**DIRECTIONS FOR THIS TASK**
Count up the lines of the data below that contain the string "axis", then give only the total.

**Stored items**

==*==

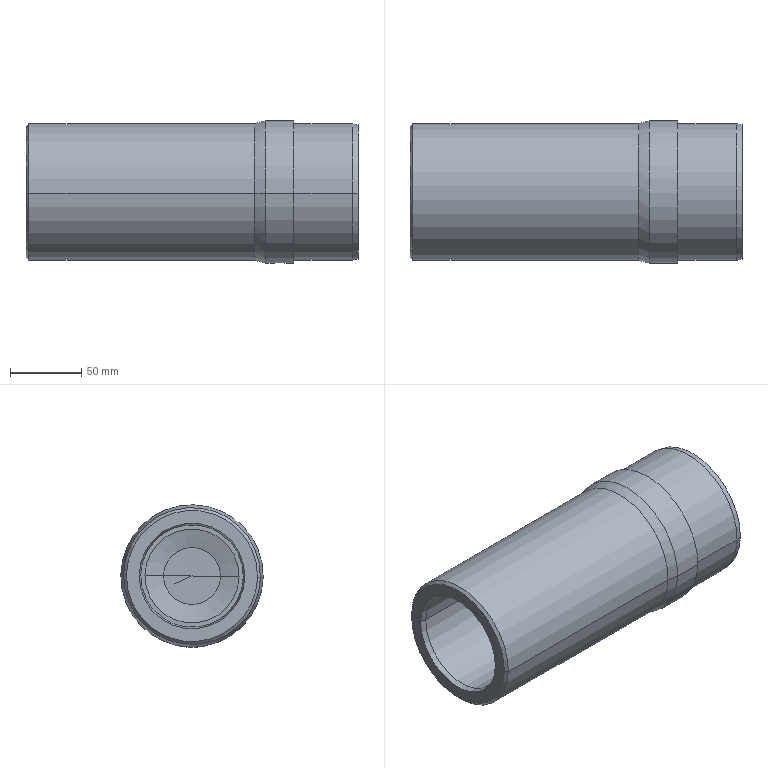Component | SolidWorks | 216InnerTubeAssembly-1_InnerTubeJoint-2 | 1 solid | 44 faces | box 233 x 100 x 100 mm | volume 1026015 mm3 | cylinder 21 | cone 16 | plane 7 | commonest cylinder face diameters 12 x5 40 x4 96 x4 66 x2 72 x2 100 x2 70 x2 | material Alloy Steel
build123d program:
from build123d import *

# Parameters (mm, degrees)
CUT_EXTRUDE1_REACH      = 245.581
CUT_EXTRUDE1_END_RADIUS = 50
SKETCH3_R               = 6
SKETCH1_W               = 0.1759
SKETCH1_H               = 3.3


with BuildPart() as part:
    # Model → Revolve1 (revolve)
    with BuildSketch(Plane.XY, mode=Mode.PRIVATE) as revolve1_sk:
        Polygon((-64.339, -0.1738), (-73.35, -0.1738), (-73.571, 19.826), (-86.571, 19.826), (-90.054, 32.826), (-173.054, 32.826), (-173.054, 35.826), (-229.054, 35.826), (-233.054, 36.898), (-233.054, 45.826), (-231.054, 47.826), (-72.519, 47.826), (-65.054, 49.826), (-45.054, 49.826), (-45.054, 47.826), (-4.065, 47.826), (-0.05449, 47.119), (-0.05449, 34.826), (-25.054, 34.826), (-24.875, 19.826), (-38.875, 19.826), (-38.875, 5.826), (-60.875, 5.826), align=None)
    revolve(revolve1_sk.sketch.rotate(Axis((-73.35, -0.1738, 0), (1, 0, 0)), 180), axis=Axis((-73.35, -0.1738, 0), (1, 0, 0)))

    # Cut-Extrude1: up to this cylinder (the profile starts inside it)
    cut_extrude1_end = Plane(origin=(-55.054, -0.1738, 0), z_dir=(-1, 0, 0)) * Cylinder(CUT_EXTRUDE1_END_RADIUS, 592.162, mode=Mode.PRIVATE)
    # Sketch3 → Cut-Extrude1 (cut, up to the surface)
    with BuildSketch(Plane.XY, mode=Mode.PRIVATE) as cut_extrude1_sk1:
        with Locations((-55.054, 0)):
            Circle(SKETCH3_R)
    cut_extrude1_tool1 = extrude(cut_extrude1_sk1.sketch, amount=-CUT_EXTRUDE1_REACH, mode=Mode.PRIVATE) & cut_extrude1_end
    add(cut_extrude1_tool1.solids().sort_by_distance((-55.054, 0, 0))[0], mode=Mode.SUBTRACT)

    # Sketch1 → Cut-Revolve1 (revolve, cut)
    with BuildSketch(Plane.XY, mode=Mode.PRIVATE) as cut_revolve1_sk:
        with Locations((-24.82, 20.976)):
            Rectangle(SKETCH1_W, SKETCH1_H)
    revolve(cut_revolve1_sk.sketch.rotate(Axis((-29.908, -0.1738, 0), (1, 0, 0)), 180), axis=Axis((-29.908, -0.1738, 0), (1, 0, 0)), mode=Mode.SUBTRACT)


solid = part.part

# Placed as in the assembly
solid = solid.moved(Location((1188.332, 0.1737, 0.003169), (1.033, 0, 0)))

==*==

**SOLUTION FOR THIS PROBLEM**
2